(Recorded information begins)

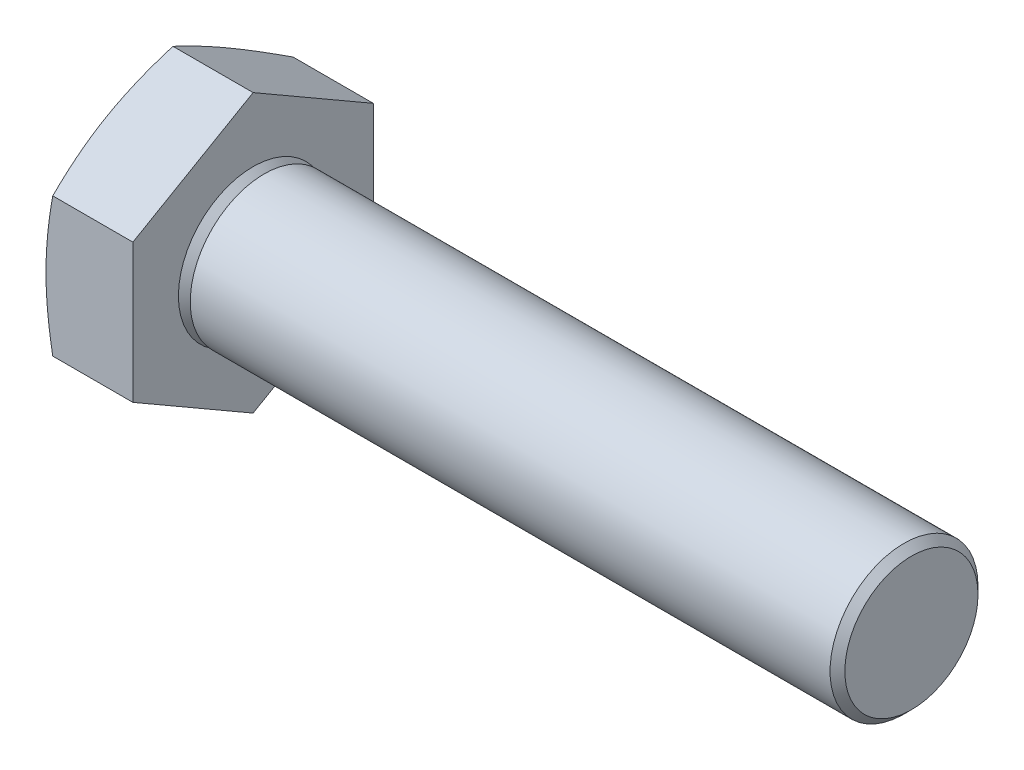
SolidWorks part; units mm, degrees
ref_plane "Front" through (0, 0, 0) normal (0, 0, 1) x (1, 0, 0)
ref_plane "Top" through (0, 0, 0) normal (0, 1, 0) x (1, 0, 0)
ref_plane "Right" through (0, 0, 0) normal (1, 0, 0) x (0, 0, -1)
other "Configuration Table"
sketch "Sketch2" plane through (0, 0, 0) normal (1, 0, 0) x (0, 0, -1)
  line L1 (6.5, -3.7528) -> (6.5, 3.7528)
  line L2 (6.5, 3.7528) -> (0, 7.5056)
  line L3 (0, 7.5056) -> (-6.5, 3.7528)
  line L4 (-6.5, 3.7528) -> (-6.5, -3.7528)
  line L5 (-6.5, -3.7528) -> (0, -7.5056)
  line L6 (0, -7.5056) -> (6.5, -3.7528)
  circle A0 centre (0, 0) radius 6.5 construction
extrude "BaseHead" add sketch "Sketch2" along normal blind 5.3
sketch "Sketch3" plane through (0, 0, 0) normal (0, 0, 1) x (1, 0, 0)
  line L0 (5.3, 7.5056) -> (5.3, 3.44)
  line L2 (5.3, 3.44) -> (4.7, 4.04)
  line L3 (4.7, 4.04) -> (4.7, 7.5056)
  line L5 (4.7, 7.5056) -> (5.3, 7.5056)
  line L6 (-0.9571, 0) -> (7.6478, 0) construction
  line L7 (5.3, 7.5056) -> (0, 7.5056) construction
  dimension "D1" = 45
  dimension "c" = 0.6
  dimension "Dw" = 6.88
revolve "BearingFace" cut sketch "Sketch3" angle 360 about L6
sketch "Sketch4" plane through (0, 0, 0) normal (0, 0, 1) x (1, 0, 0)
  line L0 (-0.4935, 0) -> (3.5626, 0) construction
  line L2 (0, 7.5056) -> (0.366, 7.5056)
  line L4 (0.366, 7.5056) -> (0, 6.5)
  line L6 (0, 6.5) -> (0, 7.5056)
  line L7 (4.7, 7.5056) -> (0, 7.5056) construction
revolve "HeadChamfer" cut sketch "Sketch4" angle 360 about L0
sketch "Sketch5" plane through (5.3, 0, 0) normal (1, 0, 0) x (0, 0, -1)
  circle A0 centre (0, 0) radius 4
extrude "BaseBody" add sketch "Sketch5" along normal blind 35
cosmetic thread "ThreadCosmetic1" parameters "D2"=7
chamfer "Chamfer1" distance 0.4 angle 45 1 edges at (40.3, 0, -4)
fillet "HeadFillet" [suppressed] radius 0.4
sketch "Sketch6" plane through (0, 0, 0) normal (0, 0, 1) x (1, 0, 0)
  line L0 (3.65, 3) -> (4.15, 3)
  line L1 (4.15, 3) -> (4.15, 2.5)
  line L2 (4.15, 2.5) -> (3.9, 2.067)
  line L3 (3.9, 2.067) -> (3.65, 2.5)
  line L4 (3.65, 2.5) -> (3.65, 3)
  line L5 (43.4, 2.5) -> (3.65, 2.5) construction
  line L6 (3.65, -3.44) -> (3.65, 3.44) construction
revolve "Cut-Revolve10" [suppressed] cut sketch "Sketch6" angle 360 about axis through (-0.9571, 0, 0) along (1, 0, 0)
pattern_linear "LPattern10" [suppressed] count 58
equation "\"D2@Sketch4\" = \"s@Sketch2\""
equation "\"D1@Chamfer1\" = 0.05 * \"d@Sketch5\""
equation "\"D1@Sketch6\" =  ( \"d@Sketch5\" - \"D2@ThreadCosmetic1\" )  / 2"
equation "\"pitch@LPattern10\" = \"D1@Sketch6\" * 1.2"
equation "\"D1@LPattern10\" = \"l@BaseBody\" / \"pitch@LPattern10\""
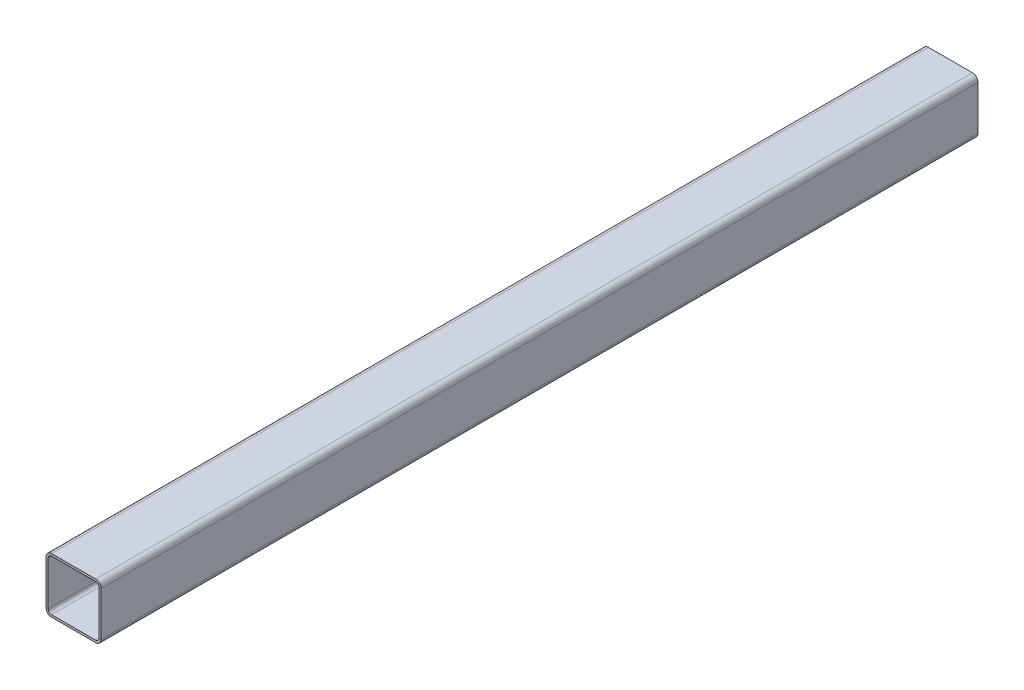
SolidWorks part; units mm, degrees
ref_plane "Front Plane" through (0, 0, 0) normal (0, 0, 1) x (1, 0, 0)
ref_plane "Top Plane" through (0, 0, 0) normal (0, 1, 0) x (1, 0, 0)
ref_plane "Right Plane" through (0, 0, 0) normal (1, 0, 0) x (0, 0, -1)
other "Configuration Table"
sketch "Sketch1" plane through (0, 0, 0) normal (0, 0, 1) x (1, 0, 0)
  line L0 (-92, 80) -> (-92, -80)
  line L1 (-80, 100) -> (80, 100)
  line L2 (-100, 80) -> (-100, -80)
  line L3 (-80, -100) -> (80, -100)
  line L4 (100, 80) -> (100, -80)
  line L5 (-100, 100) -> (100, -100) construction
  line L6 (-100, -100) -> (100, 100) construction
  line L7 (-80, -92) -> (80, -92)
  line L8 (92, 80) -> (92, -80)
  line L9 (-80, 92) -> (80, 92)
  arc A0 (-100, -80) -> (-80, -100) centre (-80, -80) ccw
  arc A1 (80, -100) -> (100, -80) centre (80, -80) ccw
  arc A2 (80, 100) -> (100, 80) centre (80, 80) cw
  arc A3 (-80, 100) -> (-100, 80) centre (-80, 80) ccw
  arc A4 (-92, -80) -> (-80, -92) centre (-80, -80) ccw
  arc A5 (80, -92) -> (92, -80) centre (80, -80) ccw
  arc A6 (80, 92) -> (92, 80) centre (80, 80) cw
  arc A7 (-80, 92) -> (-92, 80) centre (-80, 80) ccw
  point P0 (0, 0)
  dimension "D3" = 20
  dimension "D1" = 200
  dimension "D2" = 200
  dimension "D4" = 8
extrude "Boss-Extrude1" add sketch "Sketch1" along normal blind 3180

(Recorded information ends)

__What to produce__
Could you reproduce the lines above, from the one that holds "arc A1 (80, -100)" through the last, exactly as they stand?

__Task result__
  arc A1 (80, -100) -> (100, -80) centre (80, -80) ccw
  arc A2 (80, 100) -> (100, 80) centre (80, 80) cw
  arc A3 (-80, 100) -> (-100, 80) centre (-80, 80) ccw
  arc A4 (-92, -80) -> (-80, -92) centre (-80, -80) ccw
  arc A5 (80, -92) -> (92, -80) centre (80, -80) ccw
  arc A6 (80, 92) -> (92, 80) centre (80, 80) cw
  arc A7 (-80, 92) -> (-92, 80) centre (-80, 80) ccw
  point P0 (0, 0)
  dimension "D3" = 20
  dimension "D1" = 200
  dimension "D2" = 200
  dimension "D4" = 8
extrude "Boss-Extrude1" add sketch "Sketch1" along normal blind 3180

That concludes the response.